> **AVAILABLE DATA**
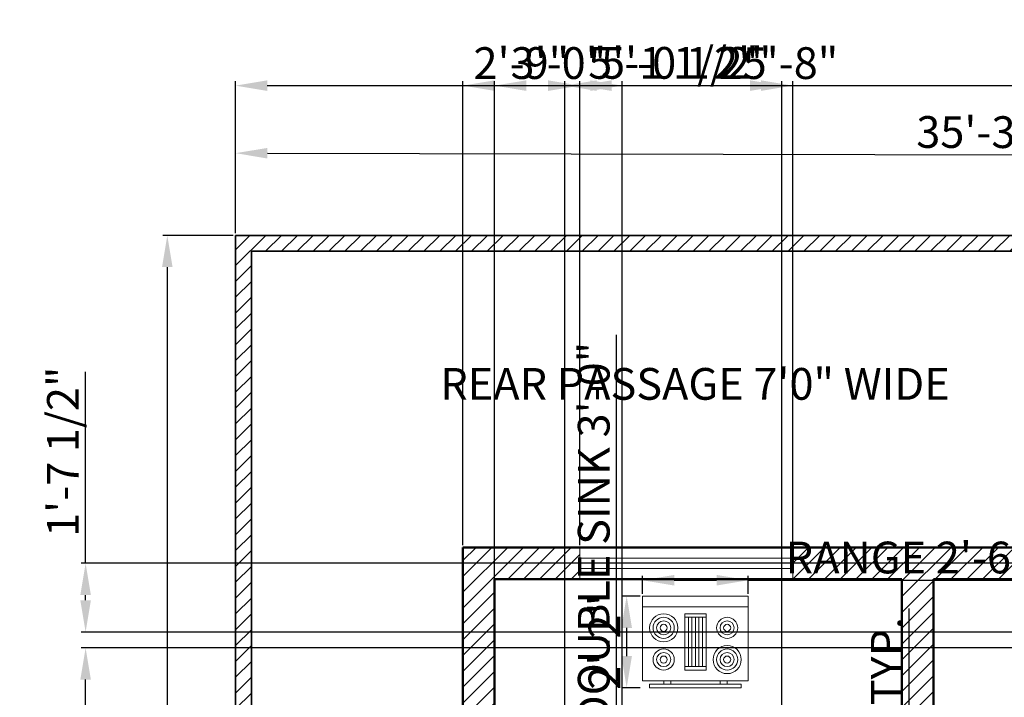
# Model space of a CAD drawing. Units: inches. Extents: x 36184 to 36805, y 18177 to 19069.
# Tile 4 of 5: x 36184 to 36463, y 18876 to 19069. Entities that reach past the tile are written whole.
import ezdxf

# ---------------------------------------------------------------- set-up
doc = ezdxf.new("R2010")
doc.units = ezdxf.units.IN
for name, color, linetype, lineweight in [('A-ANNO-DIMS', 2, 'Continuous', 18), ('A-AREA-IDEN', 7, 'Continuous', 25), ('A-EQPM', 8, 'Continuous', 18), ('A-GLAZ', 4, 'Continuous', 18), ('A-WALL', 7, 'Continuous', 50), ('C-PROP', 7, 'Continuous', 35), ('L-SITE-WALL', 7, 'Continuous', 35)]:
    doc.layers.add(name, color=color, linetype=linetype, lineweight=lineweight)
doc.layers.add('A-WALL-PATT', color=244, linetype='Continuous', lineweight=13, true_color=0x991b1e)
doc.styles.get("Standard").update_dxf_attribs({"font": 'arial.ttf'})
doc.dimstyles.new('ISO-25', dxfattribs={"dimtxt": 9, "dimasz": 9, "dimexe": 1.25, "dimexo": 0.625, "dimtad": 1, "dimdec": 1, "dimrnd": 9, "dimlunit": 3, "dimtxsty": 'Standard', "dimcen": 2.5, "dimadec": 0, "dimazin": 0, "dimtfac": 1, "dimtdec": 1, "dimtmove": 0, "dimatfit": 3, "dimfxl": 1, "dimarcsym": 0})

# ---------------------------------------------------------------- blocks, each defined once
blk = doc.blocks.new('Range-Oven - 30 in top')
for p, q in [((0, -3), (30, -3)), ((12, -6), (18, -6)), ((13, -20), (13, -6)), ((14, -6), (14, -20)), ((15, -20), (15, -6)), ((16, -6), (16, -20)), ((17, -20), (17, -6)), ((18, -20), (12, -20)), ((6, -24), (6, -25)), ((8, -25), (8, -24)), ((22, -25), (22, -24)), ((24, -24), (24, -25))]:
    blk.add_line(p, q)
for points in [[(0, -24), (0, 0), (30, 0), (30, -24)], [(12, -21), (12, -5), (18, -5), (18, -21)], [(2, -26), (2, -25), (28, -25), (28, -26)]]:
    blk.add_lwpolyline(points, close=True)
for centre, radius in [((6, -9), 4), ((6, -9), 3), ((6, -9), 2), ((6, -9), 1), ((24, -9), 3), ((24, -9), 2), ((24, -9), 1), ((6, -18), 3), ((6, -18), 2), ((24, -18), 4), ((24, -18), 3), ((24, -18), 2), ((6, -18), 1), ((24, -18), 1)]:
    blk.add_circle(centre, radius)
blk = doc.blocks.new('*D13')
at = {"layer": 'A-ANNO-DIMS', "color": 0, "lineweight": -2, "transparency": 16777216}
for p, q in [((36245.31, 19007.93), (36245.36, 19031.89)), ((36665.31, 19007.11), (36665.36, 19031.07)), ((36254.36, 19030.62), (36656.36, 19029.84))]:
    blk.add_line(p, q, dxfattribs=at)
at = {"layer": 'A-ANNO-DIMS', "color": 0, "transparency": 16777216}
for points in [[(36254.36, 19032.12), (36254.35, 19029.12), (36245.36, 19030.64)], [(36656.36, 19031.34), (36656.35, 19028.34), (36665.36, 19029.82)]]:
    blk.add_solid(points, dxfattribs=at)
at = {"layer": 'Defpoints', "color": 0, "transparency": 16777216}
for p in [(36665.36, 19029.82), (36245.31, 19007.3), (36665.31, 19006.48)]:
    blk.add_point(p, dxfattribs=at)
at = {"layer": 'A-ANNO-DIMS', "color": 0, "transparency": 16777216, "insert": (36455.37, 19035.45), "char_height": 9, "attachment_point": 5, "rotation": 359.8885}
blk.add_mtext('35\'-3"', dxfattribs=at)
blk = doc.blocks.new('*D14')
at = {"layer": 'A-ANNO-DIMS', "color": 0, "lineweight": -2, "transparency": 16777216}
for p, q in [((36244.69, 19007.3), (36224.73, 19007.3)), ((36225.98, 18998.3), (36225.98, 18420.79)), ((36244.69, 18411.79), (36224.73, 18411.79))]:
    blk.add_line(p, q, dxfattribs=at)
at = {"layer": 'A-ANNO-DIMS', "color": 0, "transparency": 16777216}
for points in [[(36224.48, 18998.3), (36227.48, 18998.3), (36225.98, 19007.3)], [(36224.48, 18420.79), (36227.48, 18420.79), (36225.98, 18411.79)]]:
    blk.add_solid(points, dxfattribs=at)
at = {"layer": 'Defpoints', "color": 0, "transparency": 16777216}
for p in [(36245.31, 19007.3), (36225.98, 18411.79), (36245.31, 18411.79)]:
    blk.add_point(p, dxfattribs=at)
at = {"layer": 'A-ANNO-DIMS', "color": 0, "transparency": 16777216, "insert": (36220.76, 18709.54), "char_height": 9, "attachment_point": 5, "rotation": 90}
blk.add_mtext('49\'-6"', dxfattribs=at)
blk = doc.blocks.new('*D28')
at = {"layer": 'A-ANNO-DIMS', "color": 0, "lineweight": -2, "transparency": 16777216}
for p, q in [((36436.4, 18801.8), (36436.4, 18901.45)), ((36431.63, 18801.8), (36437.65, 18801.8)), ((36436.4, 18774.8), (36436.4, 18792.8)), ((36431.63, 18765.8), (36437.65, 18765.8))]:
    blk.add_line(p, q, dxfattribs=at)
at = {"layer": 'A-ANNO-DIMS', "color": 0, "transparency": 16777216}
for points in [[(36434.9, 18792.8), (36437.9, 18792.8), (36436.4, 18801.8)], [(36434.9, 18774.8), (36437.9, 18774.8), (36436.4, 18765.8)]]:
    blk.add_solid(points, dxfattribs=at)
at = {"layer": 'Defpoints', "color": 0, "transparency": 16777216}
for p in [(36431, 18801.8), (36436.4, 18801.8), (36431, 18765.8)]:
    blk.add_point(p, dxfattribs=at)
at = {"layer": 'A-ANNO-DIMS', "color": 0, "transparency": 16777216, "insert": (36431.18, 18856.13), "char_height": 9, "attachment_point": 5, "rotation": 90}
blk.add_mtext('LEAF 3\'-0" TYP.', dxfattribs=at)
blk = doc.blocks.new('*D40')
at = {"layer": 'A-ANNO-DIMS', "color": 0, "lineweight": -2, "transparency": 16777216}
for p, q in [((36360.76, 18905.62), (36360.76, 18910.74)), ((36369.76, 18909.49), (36381.76, 18909.49)), ((36390.76, 18905.62), (36390.76, 18910.74)), ((36390.76, 18909.49), (36472.67, 18909.49))]:
    blk.add_line(p, q, dxfattribs=at)
at = {"layer": 'A-ANNO-DIMS', "color": 0, "transparency": 16777216}
for points in [[(36369.76, 18910.99), (36369.76, 18907.99), (36360.76, 18909.49)], [(36381.76, 18910.99), (36381.76, 18907.99), (36390.76, 18909.49)]]:
    blk.add_solid(points, dxfattribs=at)
at = {"layer": 'Defpoints', "color": 0, "transparency": 16777216}
for p in [(36390.76, 18909.49), (36360.76, 18904.99), (36390.76, 18904.99)]:
    blk.add_point(p, dxfattribs=at)
at = {"layer": 'A-ANNO-DIMS', "color": 0, "transparency": 16777216, "insert": (36436.22, 18914.77), "char_height": 9, "attachment_point": 5}
blk.add_mtext('RANGE 2\'-6"', dxfattribs=at)
blk = doc.blocks.new('*D41')
at = {"layer": 'A-ANNO-DIMS', "color": 0, "lineweight": -2, "transparency": 16777216}
for p, q in [((36360.13, 18904.99), (36355.01, 18904.99)), ((36356.26, 18887.99), (36356.26, 18895.99)), ((36360.13, 18878.99), (36355.01, 18878.99))]:
    blk.add_line(p, q, dxfattribs=at)
at = {"layer": 'A-ANNO-DIMS', "color": 0, "transparency": 16777216}
for points in [[(36354.76, 18895.99), (36357.76, 18895.99), (36356.26, 18904.99)], [(36354.76, 18887.99), (36357.76, 18887.99), (36356.26, 18878.99)]]:
    blk.add_solid(points, dxfattribs=at)
at = {"layer": 'Defpoints', "color": 0, "transparency": 16777216}
for p in [(36356.26, 18904.99), (36360.76, 18904.99), (36360.76, 18878.99)]:
    blk.add_point(p, dxfattribs=at)
at = {"layer": 'A-ANNO-DIMS', "color": 0, "transparency": 16777216, "insert": (36351.12, 18891.99), "char_height": 9, "attachment_point": 5, "rotation": 90}
blk.add_mtext('2\'-2"', dxfattribs=at)
blk = doc.blocks.new('*D42')
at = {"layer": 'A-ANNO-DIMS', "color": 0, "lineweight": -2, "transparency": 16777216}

> **TASK TO CARRY OUT**
For each line in the entries that holds "Standard", return that line.

> **OUTPUT OF THE TASK**
doc.styles.get("Standard").update_dxf_attribs({"font": 'arial.ttf'})
doc.dimstyles.new('ISO-25', dxfattribs={"dimtxt": 9, "dimasz": 9, "dimexe": 1.25, "dimexo": 0.625, "dimtad": 1, "dimdec": 1, "dimrnd": 9, "dimlunit": 3, "dimtxsty": 'Standard', "dimcen": 2.5, "dimadec": 0, "dimazin": 0, "dimtfac": 1, "dimtdec": 1, "dimtmove": 0, "dimatfit": 3, "dimfxl": 1, "dimarcsym": 0})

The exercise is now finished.